Task objective:
Among the entries below, take the line with "from ifc_helpers import" and the line with "world=origin(), true_north=direction((0.0, 1.0)))", and output them and every line between them exactly, with nothing else.

(Data items)
•••

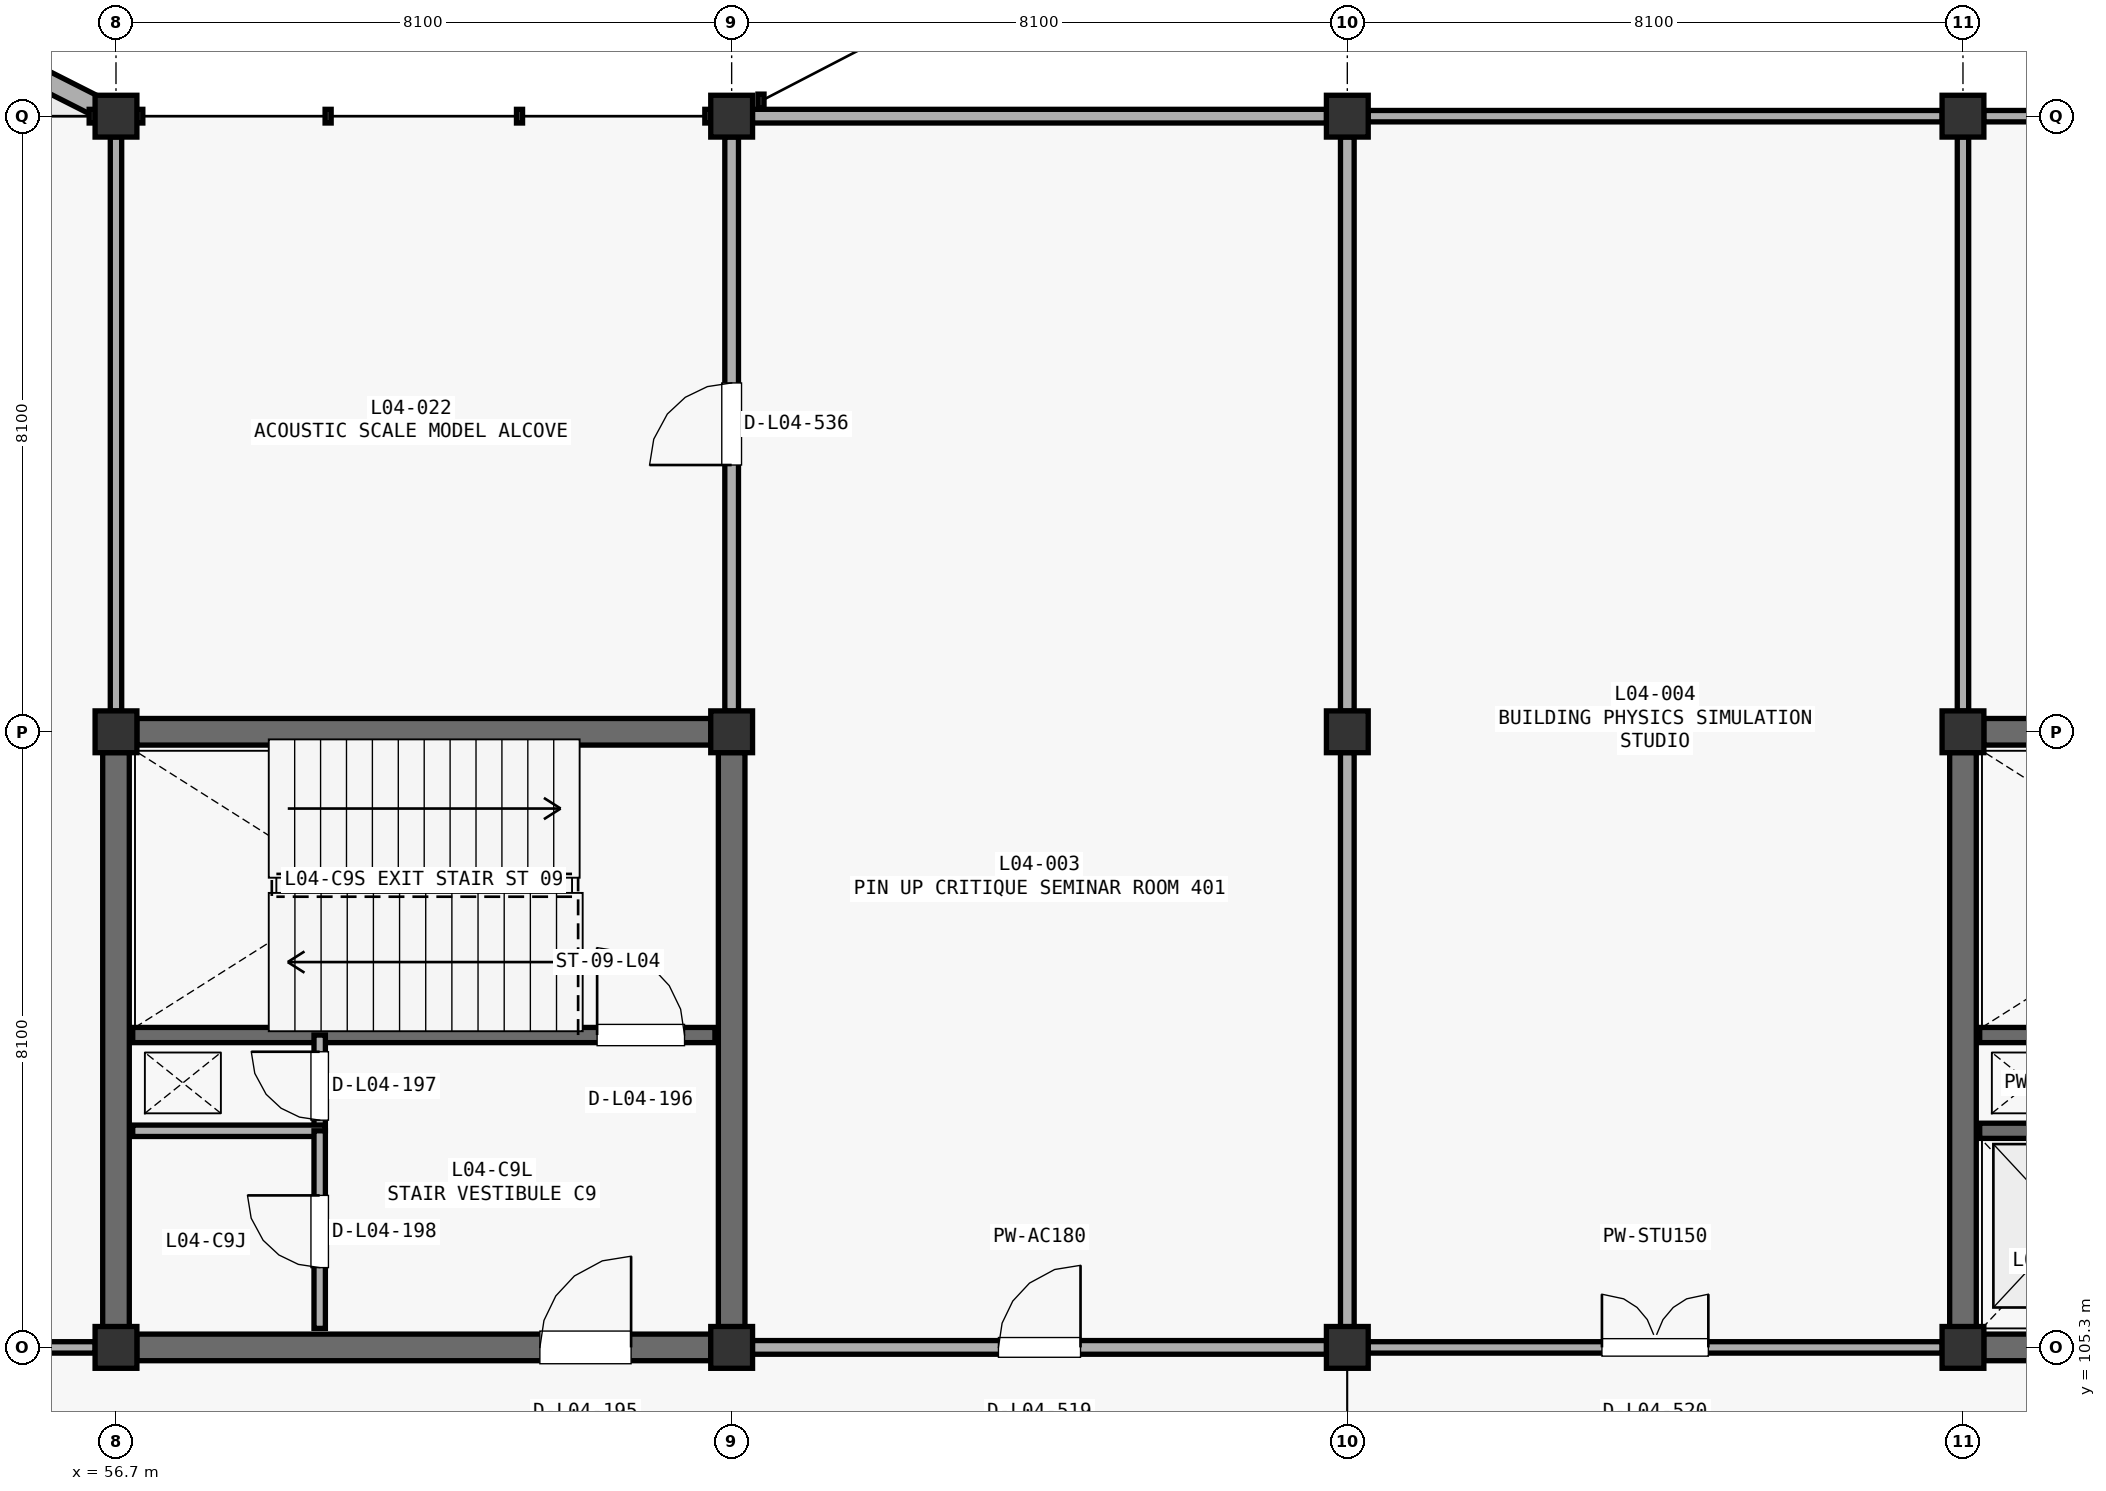
"""IFC4 building model, lengths in metres.
Left out: names, types, materials, properties, quantities, classifications, styles, units other than length and angle.
Written with IfcOpenShell. Run it as: python <this file> out.ifc"""

import sys

from ifc_helpers import new_model, si_unit, direction, frame, frame_2d, origin, origin_2d, place, context, subcontext, project, spatial, polyline, rectangle, outline, extrude, element, fill, save


model = new_model("IFC4")
c1 = context("Model", 3, precision=1e-05, world=origin(), true_north=direction((0.0, 1.0)))
c2 = subcontext(c1, "Body", "Model", "MODEL_VIEW")
j1 = project(units=[si_unit("LENGTHUNIT", "METRE"), si_unit("PLANEANGLEUNIT", "RADIAN")], contexts=[c1])
p1 = place(None, origin())
s1 = spatial("IfcSite", under=j1, at=p1, CompositionType="ELEMENT")
p2 = place(p1, origin())
s2 = spatial("IfcBuilding", under=s1, at=p2, CompositionType="ELEMENT")
p3 = place(p2, frame((0.0, 0.0, 18.53)))
s3 = spatial("IfcBuildingStorey", under=s2, at=p3, CompositionType="ELEMENT", Elevation=18.53)
for number, where, z_axis, x_axis in (
    (1, (56.7, 105.3, 0.0), (0.0, 0.0, 1.0), (1.0, 0.0, 0.0)),
    (2, (56.7, 113.4, 0.0), (0.0, 0.0, 1.0), (1.0, 0.0, 0.0)),
    (3, (56.7, 121.5, 0.0), (0.0, 0.0, 1.0), (1.0, 0.0, 0.0)),
    (4, (64.8, 105.3, 0.0), (0.0, 0.0, 1.0), (1.0, 0.0, 0.0)),
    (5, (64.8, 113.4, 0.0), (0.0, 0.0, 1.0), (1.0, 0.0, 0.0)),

•••

Solution below:
from ifc_helpers import new_model, si_unit, direction, frame, frame_2d, origin, origin_2d, place, context, subcontext, project, spatial, polyline, rectangle, outline, extrude, element, fill, save


model = new_model("IFC4")
c1 = context("Model", 3, precision=1e-05, world=origin(), true_north=direction((0.0, 1.0)))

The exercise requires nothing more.